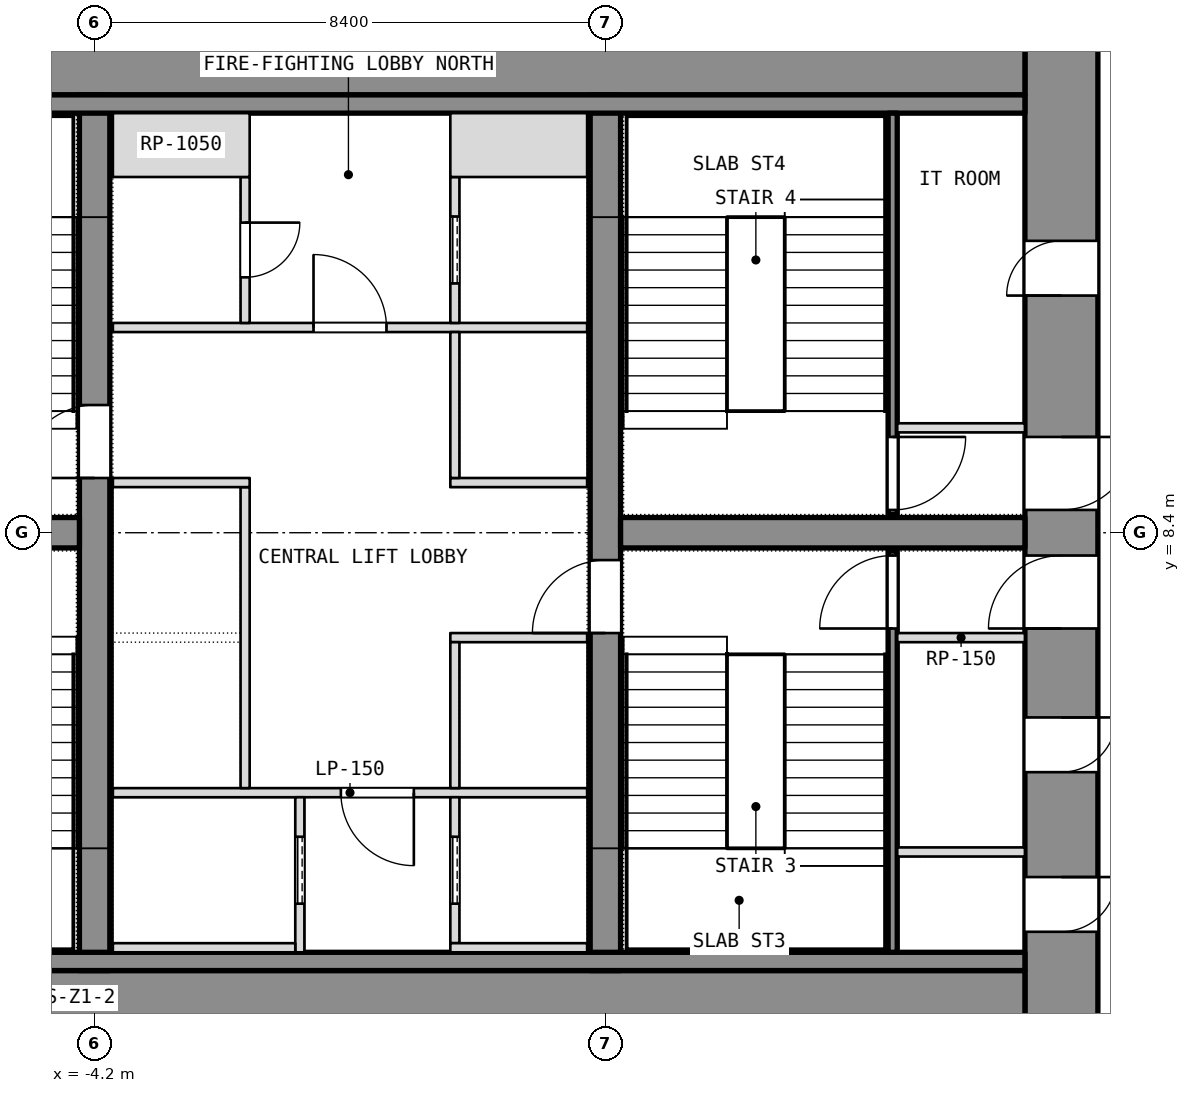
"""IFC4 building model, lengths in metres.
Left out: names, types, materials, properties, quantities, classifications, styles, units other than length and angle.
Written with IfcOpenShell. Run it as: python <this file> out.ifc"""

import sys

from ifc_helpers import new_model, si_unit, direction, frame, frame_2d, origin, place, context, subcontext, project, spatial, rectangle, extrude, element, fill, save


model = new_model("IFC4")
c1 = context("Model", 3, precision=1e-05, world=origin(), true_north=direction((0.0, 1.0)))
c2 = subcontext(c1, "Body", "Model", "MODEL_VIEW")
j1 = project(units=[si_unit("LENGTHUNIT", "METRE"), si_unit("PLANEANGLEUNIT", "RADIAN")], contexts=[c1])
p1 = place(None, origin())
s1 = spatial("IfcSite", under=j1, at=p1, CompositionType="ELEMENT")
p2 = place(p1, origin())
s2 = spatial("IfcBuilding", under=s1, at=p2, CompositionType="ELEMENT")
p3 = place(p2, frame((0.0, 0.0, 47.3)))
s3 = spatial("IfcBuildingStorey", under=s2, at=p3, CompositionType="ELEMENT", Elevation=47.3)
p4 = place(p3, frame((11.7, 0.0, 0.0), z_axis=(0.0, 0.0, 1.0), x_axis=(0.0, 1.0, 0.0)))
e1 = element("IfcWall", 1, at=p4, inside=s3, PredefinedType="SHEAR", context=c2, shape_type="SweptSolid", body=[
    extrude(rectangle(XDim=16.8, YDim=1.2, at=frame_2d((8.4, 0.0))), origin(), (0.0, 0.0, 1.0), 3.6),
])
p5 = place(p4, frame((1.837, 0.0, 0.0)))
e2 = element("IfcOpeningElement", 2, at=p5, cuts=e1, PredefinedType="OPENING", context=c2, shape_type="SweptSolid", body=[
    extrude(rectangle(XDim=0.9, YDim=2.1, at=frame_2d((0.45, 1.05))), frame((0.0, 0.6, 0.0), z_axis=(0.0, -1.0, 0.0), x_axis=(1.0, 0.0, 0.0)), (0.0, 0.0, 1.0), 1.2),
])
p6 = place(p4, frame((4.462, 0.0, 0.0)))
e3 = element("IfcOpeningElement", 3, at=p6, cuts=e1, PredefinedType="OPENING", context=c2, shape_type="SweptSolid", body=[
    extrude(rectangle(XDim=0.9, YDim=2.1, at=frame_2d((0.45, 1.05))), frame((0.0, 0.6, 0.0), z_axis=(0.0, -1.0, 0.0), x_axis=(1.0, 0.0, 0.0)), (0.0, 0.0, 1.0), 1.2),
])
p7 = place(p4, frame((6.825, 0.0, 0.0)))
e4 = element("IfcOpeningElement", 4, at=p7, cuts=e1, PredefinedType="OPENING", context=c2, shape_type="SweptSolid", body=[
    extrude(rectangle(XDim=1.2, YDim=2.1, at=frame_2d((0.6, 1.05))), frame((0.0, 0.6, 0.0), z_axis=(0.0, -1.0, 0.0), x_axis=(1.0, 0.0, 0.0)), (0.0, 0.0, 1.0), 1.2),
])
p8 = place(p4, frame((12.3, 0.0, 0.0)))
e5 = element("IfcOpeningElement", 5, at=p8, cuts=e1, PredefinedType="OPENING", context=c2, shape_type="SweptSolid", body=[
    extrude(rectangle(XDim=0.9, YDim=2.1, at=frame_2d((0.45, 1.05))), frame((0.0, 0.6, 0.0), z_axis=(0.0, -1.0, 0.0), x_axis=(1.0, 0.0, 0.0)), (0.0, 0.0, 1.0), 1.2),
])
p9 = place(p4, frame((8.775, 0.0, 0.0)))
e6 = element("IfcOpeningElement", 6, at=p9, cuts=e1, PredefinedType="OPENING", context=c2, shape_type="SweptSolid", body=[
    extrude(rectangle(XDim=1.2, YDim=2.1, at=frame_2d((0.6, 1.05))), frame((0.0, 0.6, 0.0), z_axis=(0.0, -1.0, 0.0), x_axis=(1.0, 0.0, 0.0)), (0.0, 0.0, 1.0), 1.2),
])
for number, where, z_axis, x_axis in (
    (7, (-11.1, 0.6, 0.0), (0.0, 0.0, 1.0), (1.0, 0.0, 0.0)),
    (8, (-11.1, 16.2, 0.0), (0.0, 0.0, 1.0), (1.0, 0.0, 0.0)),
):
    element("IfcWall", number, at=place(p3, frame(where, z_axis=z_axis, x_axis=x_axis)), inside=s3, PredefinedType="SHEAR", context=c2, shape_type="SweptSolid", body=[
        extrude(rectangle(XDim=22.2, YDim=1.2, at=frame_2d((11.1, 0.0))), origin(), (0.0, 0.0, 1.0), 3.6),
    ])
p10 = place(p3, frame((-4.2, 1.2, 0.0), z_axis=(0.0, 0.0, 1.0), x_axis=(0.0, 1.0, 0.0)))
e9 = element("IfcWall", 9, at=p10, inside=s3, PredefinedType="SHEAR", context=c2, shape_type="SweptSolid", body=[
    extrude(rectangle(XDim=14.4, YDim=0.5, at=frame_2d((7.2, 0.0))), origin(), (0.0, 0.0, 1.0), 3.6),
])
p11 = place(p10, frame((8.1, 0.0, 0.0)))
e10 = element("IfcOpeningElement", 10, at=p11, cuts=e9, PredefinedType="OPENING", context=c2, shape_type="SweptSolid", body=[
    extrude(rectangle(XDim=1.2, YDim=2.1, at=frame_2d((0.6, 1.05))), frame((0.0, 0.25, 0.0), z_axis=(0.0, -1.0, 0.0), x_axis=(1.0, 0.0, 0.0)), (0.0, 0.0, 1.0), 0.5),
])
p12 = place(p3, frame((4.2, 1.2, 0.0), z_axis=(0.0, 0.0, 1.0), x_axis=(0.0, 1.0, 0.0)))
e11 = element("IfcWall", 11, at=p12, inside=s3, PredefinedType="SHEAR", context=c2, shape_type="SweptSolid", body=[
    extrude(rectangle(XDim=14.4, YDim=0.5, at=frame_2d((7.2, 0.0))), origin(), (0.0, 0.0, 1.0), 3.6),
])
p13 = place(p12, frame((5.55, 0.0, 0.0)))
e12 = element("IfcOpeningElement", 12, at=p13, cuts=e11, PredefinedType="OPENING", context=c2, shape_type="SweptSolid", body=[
══════════
### Assignment
Wherever the string "project" occurs in the records, copy the line it is in.

### Result of this task
from ifc_helpers import new_model, si_unit, direction, frame, frame_2d, origin, place, context, subcontext, project, spatial, rectangle, extrude, element, fill, save
j1 = project(units=[si_unit("LENGTHUNIT", "METRE"), si_unit("PLANEANGLEUNIT", "RADIAN")], contexts=[c1])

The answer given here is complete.